RECORDS SUPPLIED:
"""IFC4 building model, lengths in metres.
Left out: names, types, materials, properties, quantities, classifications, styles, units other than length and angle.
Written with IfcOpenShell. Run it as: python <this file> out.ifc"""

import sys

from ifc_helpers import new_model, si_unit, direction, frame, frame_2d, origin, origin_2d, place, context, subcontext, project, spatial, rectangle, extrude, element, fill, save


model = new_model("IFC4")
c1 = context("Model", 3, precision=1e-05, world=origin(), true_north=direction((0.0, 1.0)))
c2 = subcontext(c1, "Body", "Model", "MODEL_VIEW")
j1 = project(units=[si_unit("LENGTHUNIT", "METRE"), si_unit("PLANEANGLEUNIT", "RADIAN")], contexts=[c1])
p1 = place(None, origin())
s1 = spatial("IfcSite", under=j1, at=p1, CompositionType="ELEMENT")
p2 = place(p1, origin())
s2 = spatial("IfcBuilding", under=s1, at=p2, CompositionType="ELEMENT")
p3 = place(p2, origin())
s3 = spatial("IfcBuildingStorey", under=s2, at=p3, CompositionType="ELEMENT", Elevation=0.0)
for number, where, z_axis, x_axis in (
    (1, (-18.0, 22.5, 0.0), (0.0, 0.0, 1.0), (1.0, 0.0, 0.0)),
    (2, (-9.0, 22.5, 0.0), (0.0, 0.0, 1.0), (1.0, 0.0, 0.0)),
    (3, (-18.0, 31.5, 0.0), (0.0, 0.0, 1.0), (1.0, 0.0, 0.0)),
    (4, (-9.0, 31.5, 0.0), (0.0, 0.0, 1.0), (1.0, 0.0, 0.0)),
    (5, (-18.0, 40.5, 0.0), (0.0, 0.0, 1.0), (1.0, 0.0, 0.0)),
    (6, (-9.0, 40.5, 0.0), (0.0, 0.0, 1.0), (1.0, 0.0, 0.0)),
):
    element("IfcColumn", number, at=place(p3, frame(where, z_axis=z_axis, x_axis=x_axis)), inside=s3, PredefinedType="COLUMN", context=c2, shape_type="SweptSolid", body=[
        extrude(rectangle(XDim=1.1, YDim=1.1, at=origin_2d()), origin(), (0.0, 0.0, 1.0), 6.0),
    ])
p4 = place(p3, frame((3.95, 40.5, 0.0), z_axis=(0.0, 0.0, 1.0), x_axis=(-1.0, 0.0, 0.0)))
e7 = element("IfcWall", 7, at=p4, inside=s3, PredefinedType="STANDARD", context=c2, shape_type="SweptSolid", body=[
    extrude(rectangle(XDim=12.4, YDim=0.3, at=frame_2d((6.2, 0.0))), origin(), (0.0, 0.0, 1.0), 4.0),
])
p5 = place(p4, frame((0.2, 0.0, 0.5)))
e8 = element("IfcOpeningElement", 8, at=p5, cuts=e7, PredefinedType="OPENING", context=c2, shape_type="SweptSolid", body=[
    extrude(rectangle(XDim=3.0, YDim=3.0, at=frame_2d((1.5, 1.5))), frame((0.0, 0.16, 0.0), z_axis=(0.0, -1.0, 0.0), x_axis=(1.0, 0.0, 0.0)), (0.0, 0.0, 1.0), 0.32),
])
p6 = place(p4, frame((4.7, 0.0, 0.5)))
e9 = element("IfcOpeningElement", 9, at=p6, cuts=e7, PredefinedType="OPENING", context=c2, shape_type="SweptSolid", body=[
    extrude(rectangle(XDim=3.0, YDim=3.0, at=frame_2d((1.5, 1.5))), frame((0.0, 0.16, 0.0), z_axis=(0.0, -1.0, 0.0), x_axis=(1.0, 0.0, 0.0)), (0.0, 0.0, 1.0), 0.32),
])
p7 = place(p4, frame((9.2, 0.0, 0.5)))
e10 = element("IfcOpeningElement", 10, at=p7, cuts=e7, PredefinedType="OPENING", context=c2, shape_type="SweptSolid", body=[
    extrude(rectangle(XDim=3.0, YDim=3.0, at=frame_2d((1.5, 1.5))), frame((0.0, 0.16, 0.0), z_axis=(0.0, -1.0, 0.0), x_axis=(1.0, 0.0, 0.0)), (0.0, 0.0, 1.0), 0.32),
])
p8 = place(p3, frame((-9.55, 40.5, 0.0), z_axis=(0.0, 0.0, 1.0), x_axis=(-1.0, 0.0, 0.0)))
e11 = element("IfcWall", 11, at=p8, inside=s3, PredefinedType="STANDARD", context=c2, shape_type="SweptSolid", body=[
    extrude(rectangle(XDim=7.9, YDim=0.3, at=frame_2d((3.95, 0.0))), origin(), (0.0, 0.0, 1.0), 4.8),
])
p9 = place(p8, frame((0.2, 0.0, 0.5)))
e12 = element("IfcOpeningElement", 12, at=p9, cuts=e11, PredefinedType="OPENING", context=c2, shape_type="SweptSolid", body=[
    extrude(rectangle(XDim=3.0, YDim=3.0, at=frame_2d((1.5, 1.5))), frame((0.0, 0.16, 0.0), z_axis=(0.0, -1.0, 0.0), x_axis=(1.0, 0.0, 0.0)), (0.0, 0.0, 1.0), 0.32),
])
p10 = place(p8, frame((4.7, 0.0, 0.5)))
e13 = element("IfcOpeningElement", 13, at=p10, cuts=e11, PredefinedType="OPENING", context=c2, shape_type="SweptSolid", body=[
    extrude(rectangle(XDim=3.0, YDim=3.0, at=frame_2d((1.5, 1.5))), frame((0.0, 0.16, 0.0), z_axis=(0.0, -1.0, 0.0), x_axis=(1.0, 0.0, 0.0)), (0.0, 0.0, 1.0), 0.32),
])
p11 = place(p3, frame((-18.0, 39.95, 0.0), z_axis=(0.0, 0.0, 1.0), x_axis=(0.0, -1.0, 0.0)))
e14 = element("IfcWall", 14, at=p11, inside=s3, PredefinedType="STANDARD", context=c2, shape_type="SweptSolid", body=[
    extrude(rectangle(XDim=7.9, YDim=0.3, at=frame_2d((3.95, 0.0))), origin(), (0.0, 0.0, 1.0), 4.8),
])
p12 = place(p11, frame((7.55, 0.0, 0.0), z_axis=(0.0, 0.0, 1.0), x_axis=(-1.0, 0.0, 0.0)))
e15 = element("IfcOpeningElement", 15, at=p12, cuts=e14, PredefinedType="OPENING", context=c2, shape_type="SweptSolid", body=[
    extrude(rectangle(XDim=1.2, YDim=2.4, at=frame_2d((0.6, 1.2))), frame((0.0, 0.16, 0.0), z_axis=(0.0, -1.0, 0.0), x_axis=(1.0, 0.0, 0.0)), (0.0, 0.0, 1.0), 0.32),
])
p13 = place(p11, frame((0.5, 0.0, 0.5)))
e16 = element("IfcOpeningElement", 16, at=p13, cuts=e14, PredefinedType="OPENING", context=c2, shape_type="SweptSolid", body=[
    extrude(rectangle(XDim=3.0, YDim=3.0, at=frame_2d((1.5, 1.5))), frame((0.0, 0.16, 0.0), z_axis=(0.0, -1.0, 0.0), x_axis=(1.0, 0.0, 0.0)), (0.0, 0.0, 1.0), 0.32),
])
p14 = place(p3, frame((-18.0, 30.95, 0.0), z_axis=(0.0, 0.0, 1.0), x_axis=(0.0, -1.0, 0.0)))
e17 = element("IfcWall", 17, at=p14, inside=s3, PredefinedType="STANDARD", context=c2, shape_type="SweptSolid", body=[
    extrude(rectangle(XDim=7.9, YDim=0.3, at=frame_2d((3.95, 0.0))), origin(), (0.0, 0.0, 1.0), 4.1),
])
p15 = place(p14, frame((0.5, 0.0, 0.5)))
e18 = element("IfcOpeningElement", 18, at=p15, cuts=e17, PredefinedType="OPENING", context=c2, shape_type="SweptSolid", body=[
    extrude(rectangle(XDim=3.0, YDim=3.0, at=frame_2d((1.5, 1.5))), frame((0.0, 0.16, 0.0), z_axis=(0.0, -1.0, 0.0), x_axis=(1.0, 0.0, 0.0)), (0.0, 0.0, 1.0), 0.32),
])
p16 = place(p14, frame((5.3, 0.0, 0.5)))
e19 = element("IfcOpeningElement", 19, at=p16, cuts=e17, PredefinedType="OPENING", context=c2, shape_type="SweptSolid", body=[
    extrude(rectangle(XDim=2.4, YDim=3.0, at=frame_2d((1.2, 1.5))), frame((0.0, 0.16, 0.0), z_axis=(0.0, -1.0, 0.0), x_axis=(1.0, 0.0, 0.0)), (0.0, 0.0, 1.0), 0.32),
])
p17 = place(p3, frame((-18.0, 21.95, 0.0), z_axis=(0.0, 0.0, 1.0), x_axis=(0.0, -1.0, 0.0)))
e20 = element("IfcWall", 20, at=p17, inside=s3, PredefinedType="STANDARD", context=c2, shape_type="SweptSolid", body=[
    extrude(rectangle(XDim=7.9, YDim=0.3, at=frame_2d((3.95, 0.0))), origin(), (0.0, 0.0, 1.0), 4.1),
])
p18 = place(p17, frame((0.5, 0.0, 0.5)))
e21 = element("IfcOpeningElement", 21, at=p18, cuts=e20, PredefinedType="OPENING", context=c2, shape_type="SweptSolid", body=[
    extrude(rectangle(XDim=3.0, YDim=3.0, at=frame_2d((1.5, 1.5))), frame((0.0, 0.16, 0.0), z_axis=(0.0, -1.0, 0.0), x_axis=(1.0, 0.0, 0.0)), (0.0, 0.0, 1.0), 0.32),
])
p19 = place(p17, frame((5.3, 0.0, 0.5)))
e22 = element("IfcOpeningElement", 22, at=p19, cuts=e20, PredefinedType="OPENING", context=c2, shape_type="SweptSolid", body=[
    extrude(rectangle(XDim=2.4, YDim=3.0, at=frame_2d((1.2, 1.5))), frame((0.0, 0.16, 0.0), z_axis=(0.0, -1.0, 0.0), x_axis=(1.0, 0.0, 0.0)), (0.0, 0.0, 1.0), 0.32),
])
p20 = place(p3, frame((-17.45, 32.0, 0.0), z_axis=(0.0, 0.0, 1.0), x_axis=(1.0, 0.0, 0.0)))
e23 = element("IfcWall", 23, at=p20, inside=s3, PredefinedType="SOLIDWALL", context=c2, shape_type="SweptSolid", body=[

EXERCISE BRIEF:
Make a list of all lines in the data that contain "CompositionType".

TASK SOLUTION:
s1 = spatial("IfcSite", under=j1, at=p1, CompositionType="ELEMENT")
s2 = spatial("IfcBuilding", under=s1, at=p2, CompositionType="ELEMENT")
s3 = spatial("IfcBuildingStorey", under=s2, at=p3, CompositionType="ELEMENT", Elevation=0.0)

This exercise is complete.